> The data:

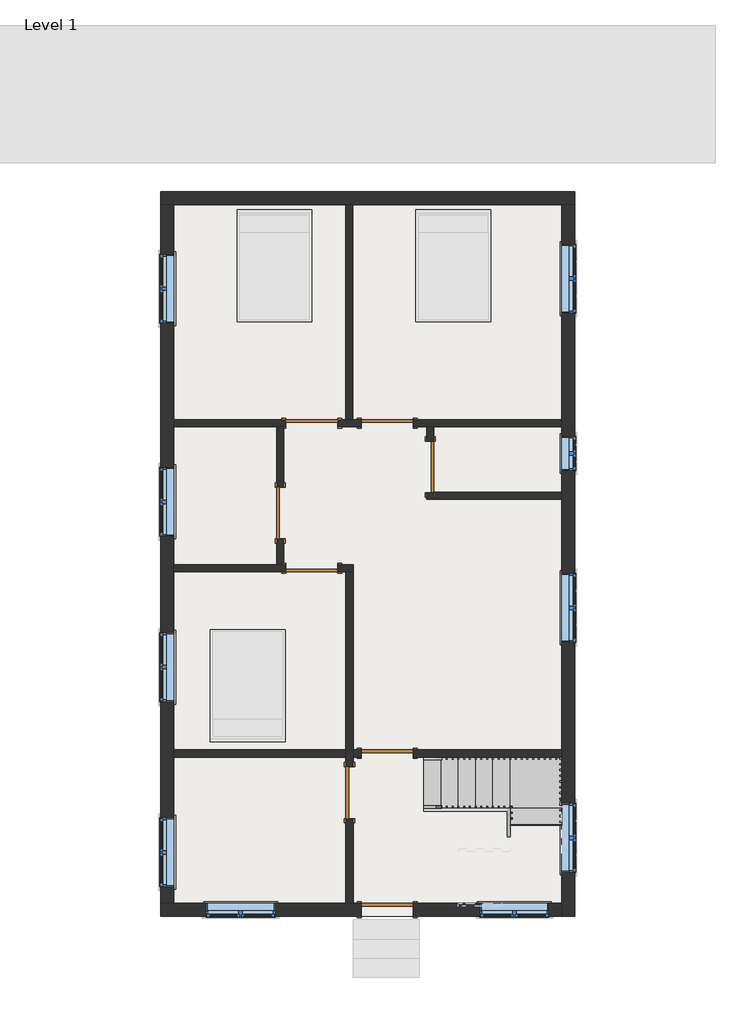
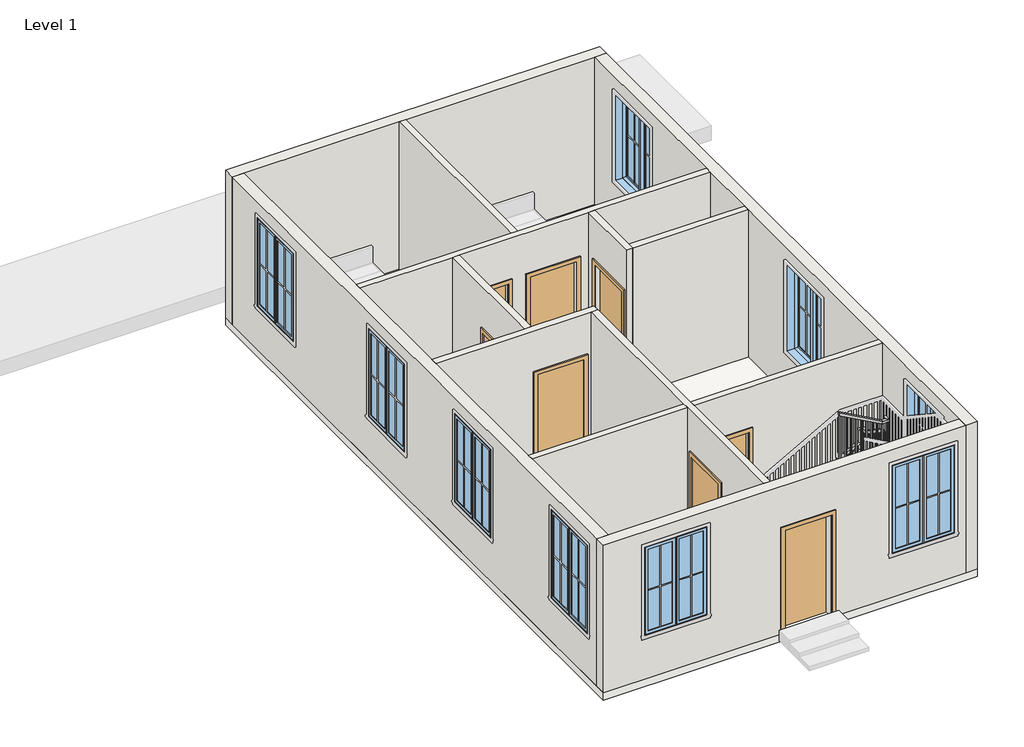
# One storey, part 1 of 2: 12 walls, 10 windows, 8 doors, 1 railing, 1 slab, 1 stair flight.
"""IFC4 building model written with IfcOpenShell, lengths in millimetres."""

from ifc_helpers import new_model, si_unit, frame, origin, origin_with_axes, place, context, project, spatial, polyline, outline, extrude, faceted_brep, transform, mapped, element, save
from components import door_a1797ceb, door_a3eb833a, door_a90ba1ad, stair_flight_16d52fd2, window_c417fced, window_6ca1769e

model = new_model("IFC4")

# Units and contexts
model_context = context("Model", 3, world=origin())
ifc_project = project(units=[si_unit("LENGTHUNIT", "METRE", prefix="MILLI")], contexts=[model_context])

# Site, building, storey
site = spatial("IfcSite", under=ifc_project)
building = spatial("IfcBuilding", under=site)
storey = spatial("IfcBuildingStorey", under=building, Name="Level 1", Elevation=0.0)

# Doors
placement = place(None, origin())
door_shape = door_a1797ceb(model_context)
element("IfcDoor", 1, ObjectType="Single-Flush : 36\" x 84\"", at=placement, inside=storey, context=model_context, shape_type="MappedRepresentation", body=[
    mapped(door_shape, transform((3683.0, 10363.2, 0.0), x_axis=(1.0, 0.0, 0.0), y_axis=(0.0, 1.0, 0.0), z_axis=(0.0, 0.0, 1.0))),
])
element("IfcDoor", 2, ObjectType="Single-Flush : 36\" x 84\"", at=placement, inside=storey, context=model_context, shape_type="MappedRepresentation", body=[
    mapped(door_shape, transform((3124.2, 8775.7, 0.0), x_axis=(0.0, 1.0, 0.0), y_axis=(-1.0, 0.0, 0.0), z_axis=(0.0, 0.0, 1.0))),
])
element("IfcDoor", 3, ObjectType="Single-Flush : 36\" x 84\"", at=placement, inside=storey, context=model_context, shape_type="MappedRepresentation", body=[
    mapped(door_shape, transform((3683.0, 7797.8, 0.0), x_axis=(-1.0, 0.0, 0.0), y_axis=(0.0, -1.0, 0.0), z_axis=(0.0, 0.0, 1.0))),
])
element("IfcDoor", 4, ObjectType="Single-Flush : 36\" x 84\"", at=placement, inside=storey, context=model_context, shape_type="MappedRepresentation", body=[
    mapped(door_shape, transform((4349.75, 3835.4, 0.0), x_axis=(0.0, 1.0, 0.0), y_axis=(-1.0, 0.0, 0.0), z_axis=(0.0, 0.0, 1.0))),
])
door_2_shape = door_a3eb833a(model_context)
element("IfcDoor", 5, ObjectType="Single-Flush : 36\" x 84\"", at=placement, inside=storey, context=model_context, shape_type="MappedRepresentation", body=[
    mapped(door_2_shape, transform((5016.5, 10363.2, 0.0), x_axis=(-1.0, 0.0, 0.0), y_axis=(0.0, -1.0, 0.0), z_axis=(0.0, 0.0, 1.0))),
])
element("IfcDoor", 6, ObjectType="Single-Flush : 36\" x 84\"", at=placement, inside=storey, context=model_context, shape_type="MappedRepresentation", body=[
    mapped(door_2_shape, transform((5778.5, 9588.5, 0.0), x_axis=(0.0, 1.0, 0.0), y_axis=(-1.0, 0.0, 0.0), z_axis=(0.0, 0.0, 1.0))),
])
element("IfcDoor", 7, ObjectType="Single-Flush : 36\" x 84\"", at=placement, inside=storey, context=model_context, shape_type="MappedRepresentation", body=[
    mapped(door_2_shape, transform((5016.5, 4527.55, 0.0), x_axis=(-1.0, 0.0, 0.0), y_axis=(0.0, -1.0, 0.0), z_axis=(0.0, 0.0, 1.0))),
])
door_3_shape = door_a90ba1ad(model_context)
element("IfcDoor", 8, ObjectType="Single-Flush : 36\" x 84\"", at=placement, inside=storey, context=model_context, shape_type="MappedRepresentation", body=[
    mapped(door_3_shape, transform((5016.5, 1765.3, 0.0), x_axis=(-1.0, 0.0, 0.0), y_axis=(0.0, -1.0, 0.0), z_axis=(0.0, 0.0, 1.0))),
])

# Railing
element("IfcRailing", 9, ObjectType="Handrail - Rectangular", at=placement, inside=storey, context=model_context, shape_type="SolidModel", body=[
    faceted_brep([(5664.2, 3606.8, 1083.7333333), (5664.2, 3606.8, 1025.620221), (5664.2, 3556.0, 1025.620221), (5664.2, 3556.0, 1083.7333333), (7112.0, 3606.8, 1888.0666667), (7162.8, 3606.8, 1858.1757765), (7162.8, 3556.0, 1858.1757765), (7112.0, 3556.0, 1888.0666667), (7112.0, 3606.8, 2150.5333333), (7162.8, 3606.8, 2099.7333333), (7162.8, 3556.0, 2099.7333333), (7112.0, 3556.0, 2150.5333333), (7239.0, 3606.8, 2150.5333333), (7239.0, 3606.8, 2099.7333333), (7188.2, 3556.0, 2099.7333333), (7188.2, 3556.0, 2150.5333333), (7239.0, 3479.8, 2150.5333333), (7239.0, 3464.4189976, 2099.7333333), (7188.2, 3464.4189976, 2099.7333333), (7188.2, 3479.8, 2150.5333333), (7239.0, 2870.2, 2556.9333333), (7239.0, 2819.4, 2529.7459984), (7188.2, 2819.4, 2529.7459984), (7188.2, 2870.2, 2556.9333333), (7239.0, 2870.2, 2819.3694921), (7239.0, 2819.4, 2768.5694921), (7188.2, 2819.4, 2768.5694921), (7188.2, 2870.2, 2819.3694921), (7239.0, 2743.2, 2819.3694921), (7239.0, 2743.2, 2768.5694921), (7188.2, 2794.0, 2768.5694921), (7188.2, 2794.0, 2819.3694921), (7112.0, 2743.2, 2819.3694921), (7098.8446915, 2743.2, 2768.5694921), (7098.8446915, 2794.0, 2768.5694921), (7112.0, 2794.0, 2819.3694921), (6273.1405542, 2743.2, 3285.0666667), (6273.1405542, 2794.0, 3285.0666667), (6273.1405542, 2794.0, 3226.9634289), (6273.1405542, 2743.2, 3226.9634289)], [[[0, 1, 2, 3]], [[1, 0, 4, 5]], [[2, 1, 5, 6]], [[3, 2, 6, 7]], [[0, 3, 7, 4]], [[5, 4, 8, 9]], [[6, 5, 9, 10]], [[7, 6, 10, 11]], [[4, 7, 11, 8]], [[9, 8, 12, 13]], [[10, 9, 13, 14]], [[11, 10, 14, 15]], [[8, 11, 15, 12]], [[13, 12, 16, 17]], [[14, 13, 17, 18]], [[15, 14, 18, 19]], [[12, 15, 19, 16]], [[17, 16, 20, 21]], [[18, 17, 21, 22]], [[19, 18, 22, 23]], [[16, 19, 23, 20]], [[21, 20, 24, 25]], [[22, 21, 25, 26]], [[23, 22, 26, 27]], [[20, 23, 27, 24]], [[25, 24, 28, 29]], [[26, 25, 29, 30]], [[27, 26, 30, 31]], [[24, 27, 31, 28]], [[29, 28, 32, 33]], [[30, 29, 33, 34]], [[31, 30, 34, 35]], [[28, 31, 35, 32]], [[36, 37, 38, 39]], [[33, 32, 36, 39]], [[34, 33, 39, 38]], [[35, 34, 38, 37]], [[32, 35, 37, 36]]]),
    extrude(outline(polyline([(3207.2085391, 6308.725), (3217.7842455, 6289.675), (2201.3333333, 6289.675), (2201.3333333, 6308.725), (3207.2085391, 6308.725)])), frame((0.0, 2759.075, 0.0), z_axis=(0.0, 1.0, 0.0), x_axis=(0.0, 0.0, 1.0)), (0.0, 0.0, 1.0), 19.05),
    extrude(outline(polyline([(3150.8047719, 6410.325), (3161.3804782, 6391.275), (2201.3333333, 6391.275), (2201.3333333, 6410.325), (3150.8047719, 6410.325)])), frame((0.0, 2759.075, 0.0), z_axis=(0.0, 1.0, 0.0), x_axis=(0.0, 0.0, 1.0)), (0.0, 0.0, 1.0), 19.05),
    extrude(outline(polyline([(3094.4010046, 6511.925), (3104.976711, 6492.875), (2201.3333333, 6492.875), (2201.3333333, 6511.925), (3094.4010046, 6511.925)])), frame((0.0, 2759.075, 0.0), z_axis=(0.0, 1.0, 0.0), x_axis=(0.0, 0.0, 1.0)), (0.0, 0.0, 1.0), 19.05),
    extrude(outline(polyline([(3037.8752058, 6613.525), (3048.4509122, 6594.475), (2032.0, 6594.475), (2032.0, 6613.525), (3037.8752058, 6613.525)])), frame((0.0, 2759.075, 0.0), z_axis=(0.0, 1.0, 0.0), x_axis=(0.0, 0.0, 1.0)), (0.0, 0.0, 1.0), 19.05),
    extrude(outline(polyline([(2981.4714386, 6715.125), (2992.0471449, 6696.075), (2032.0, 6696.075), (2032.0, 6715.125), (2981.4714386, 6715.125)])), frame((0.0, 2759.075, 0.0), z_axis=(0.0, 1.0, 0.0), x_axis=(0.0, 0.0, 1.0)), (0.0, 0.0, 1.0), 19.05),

> Try it:
Extract all lines from the data in which "building" is found.

> Expected answer:
"""IFC4 building model written with IfcOpenShell, lengths in millimetres."""
# Site, building, storey
building = spatial("IfcBuilding", under=site)
storey = spatial("IfcBuildingStorey", under=building, Name="Level 1", Elevation=0.0)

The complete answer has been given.